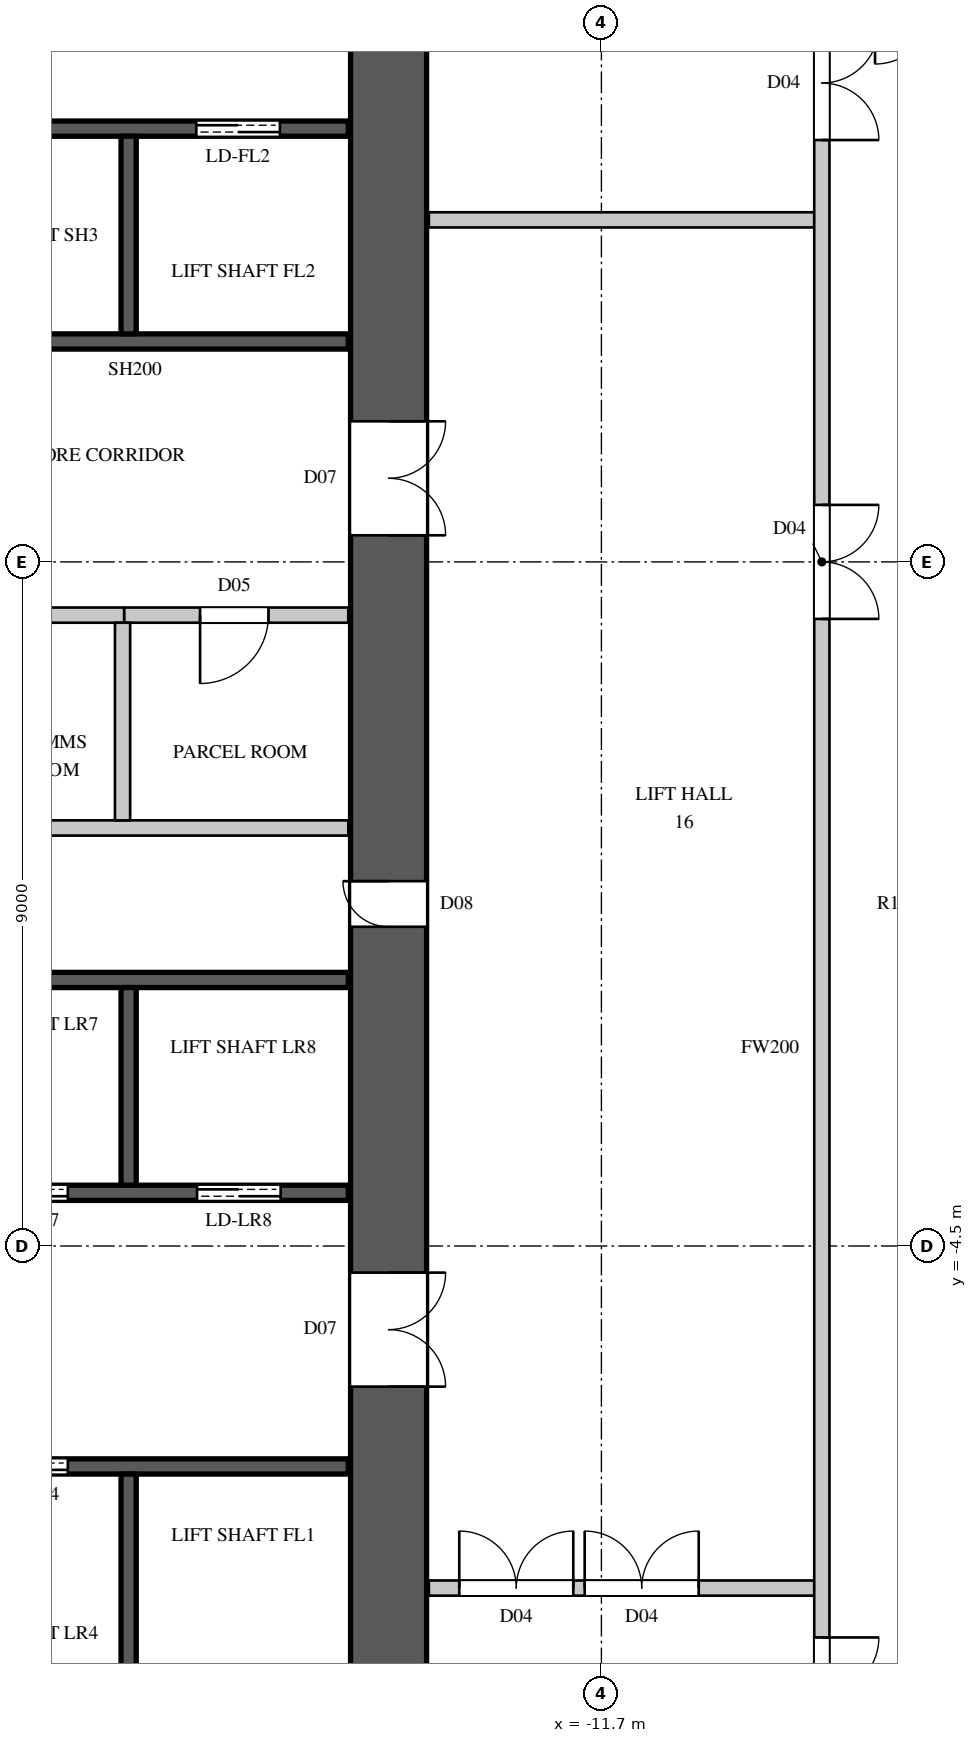
"""IFC4 building model, lengths in metres.
Left out: names, types, materials, properties, quantities, classifications, styles, units other than length and angle.
Written with IfcOpenShell. Run it as: python <this file> out.ifc"""

import sys

from ifc_helpers import new_model, si_unit, direction, frame, frame_2d, origin, place, context, subcontext, project, spatial, rectangle, extrude, element, fill, save


model = new_model("IFC4")
c1 = context("Model", 3, precision=1e-05, world=origin(), true_north=direction((0.0, 1.0)))
c2 = subcontext(c1, "Body", "Model", "MODEL_VIEW")
j1 = project(units=[si_unit("LENGTHUNIT", "METRE"), si_unit("PLANEANGLEUNIT", "RADIAN")], contexts=[c1])
p1 = place(None, origin())
s1 = spatial("IfcSite", under=j1, at=p1, CompositionType="ELEMENT")
p2 = place(p1, origin())
s2 = spatial("IfcBuilding", under=s1, at=p2, CompositionType="ELEMENT")
p3 = place(p2, frame((0.0, 0.0, 87.9)))
s3 = spatial("IfcBuildingStorey", under=s2, at=p3, CompositionType="ELEMENT", Elevation=87.9)
p4 = place(p3, frame((-14.5, -14.8, 0.0), z_axis=(0.0, 0.0, 1.0), x_axis=(0.0, 1.0, 0.0)))
e1 = element("IfcWall", 1, at=p4, inside=s3, PredefinedType="SHEAR", context=c2, shape_type="SweptSolid", body=[
    extrude(rectangle(XDim=29.6, YDim=1.0, at=frame_2d((14.8, 0.0))), origin(), (0.0, 0.0, 1.0), 3.6),
])
p5 = place(p4, frame((8.45, 0.0, 0.0)))
e2 = element("IfcOpeningElement", 2, at=p5, cuts=e1, PredefinedType="OPENING", context=c2, shape_type="SweptSolid", body=[
    extrude(rectangle(XDim=1.5, YDim=2.4, at=frame_2d((0.75, 1.2))), frame((0.0, 0.51, 0.0), z_axis=(0.0, -1.0, 0.0), x_axis=(1.0, 0.0, 0.0)), (0.0, 0.0, 1.0), 1.02),
])
p6 = place(p4, frame((19.65, 0.0, 0.0)))
e3 = element("IfcOpeningElement", 3, at=p6, cuts=e1, PredefinedType="OPENING", context=c2, shape_type="SweptSolid", body=[
    extrude(rectangle(XDim=1.5, YDim=2.4, at=frame_2d((0.75, 1.2))), frame((0.0, 0.51, 0.0), z_axis=(0.0, -1.0, 0.0), x_axis=(1.0, 0.0, 0.0)), (0.0, 0.0, 1.0), 1.02),
])
p7 = place(p4, frame((14.5, 0.0, 0.0)))
e4 = element("IfcOpeningElement", 4, at=p7, cuts=e1, PredefinedType="OPENING", context=c2, shape_type="SweptSolid", body=[
    extrude(rectangle(XDim=0.6, YDim=2.0, at=frame_2d((0.3, 1.0))), frame((0.0, 0.51, 0.0), z_axis=(0.0, -1.0, 0.0), x_axis=(1.0, 0.0, 0.0)), (0.0, 0.0, 1.0), 1.02),
])
p8 = place(p3, frame((-17.98, 3.8, 0.0), z_axis=(0.0, 0.0, 1.0), x_axis=(1.0, 0.0, 0.0)))
e5 = element("IfcWall", 5, at=p8, inside=s3, PredefinedType="PARTITIONING", context=c2, shape_type="SweptSolid", body=[
    extrude(rectangle(XDim=2.95, YDim=0.2, at=frame_2d((1.475, 0.0))), origin(), (0.0, 0.0, 1.0), 3.3),
])
p9 = place(p8, frame((1.0, 0.0, 0.0)))
e6 = element("IfcOpeningElement", 6, at=p9, cuts=e5, PredefinedType="OPENING", context=c2, shape_type="SweptSolid", body=[
    extrude(rectangle(XDim=0.9, YDim=2.2, at=frame_2d((0.45, 1.1))), frame((0.0, 0.11, 0.0), z_axis=(0.0, -1.0, 0.0), x_axis=(1.0, 0.0, 0.0)), (0.0, 0.0, 1.0), 0.22),
])
p10 = place(p3, frame((-13.97, -9.0, 0.0), z_axis=(0.0, 0.0, 1.0), x_axis=(1.0, 0.0, 0.0)))
e7 = element("IfcWall", 7, at=p10, inside=s3, PredefinedType="PARTITIONING", context=c2, shape_type="SweptSolid", body=[
    extrude(rectangle(XDim=5.07, YDim=0.2, at=frame_2d((2.535, 0.0))), origin(), (0.0, 0.0, 1.0), 3.3),
])
p11 = place(p10, frame((0.4, 0.0, 0.0)))
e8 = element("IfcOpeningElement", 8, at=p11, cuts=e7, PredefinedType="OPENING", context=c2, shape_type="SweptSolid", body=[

+++

_EXERCISE OBJECTIVE:_ Copy out all lines of the listing above that include "OPENING".

_WRITTEN ANSWER:_
e2 = element("IfcOpeningElement", 2, at=p5, cuts=e1, PredefinedType="OPENING", context=c2, shape_type="SweptSolid", body=[
e3 = element("IfcOpeningElement", 3, at=p6, cuts=e1, PredefinedType="OPENING", context=c2, shape_type="SweptSolid", body=[
e4 = element("IfcOpeningElement", 4, at=p7, cuts=e1, PredefinedType="OPENING", context=c2, shape_type="SweptSolid", body=[
e6 = element("IfcOpeningElement", 6, at=p9, cuts=e5, PredefinedType="OPENING", context=c2, shape_type="SweptSolid", body=[
e8 = element("IfcOpeningElement", 8, at=p11, cuts=e7, PredefinedType="OPENING", context=c2, shape_type="SweptSolid", body=[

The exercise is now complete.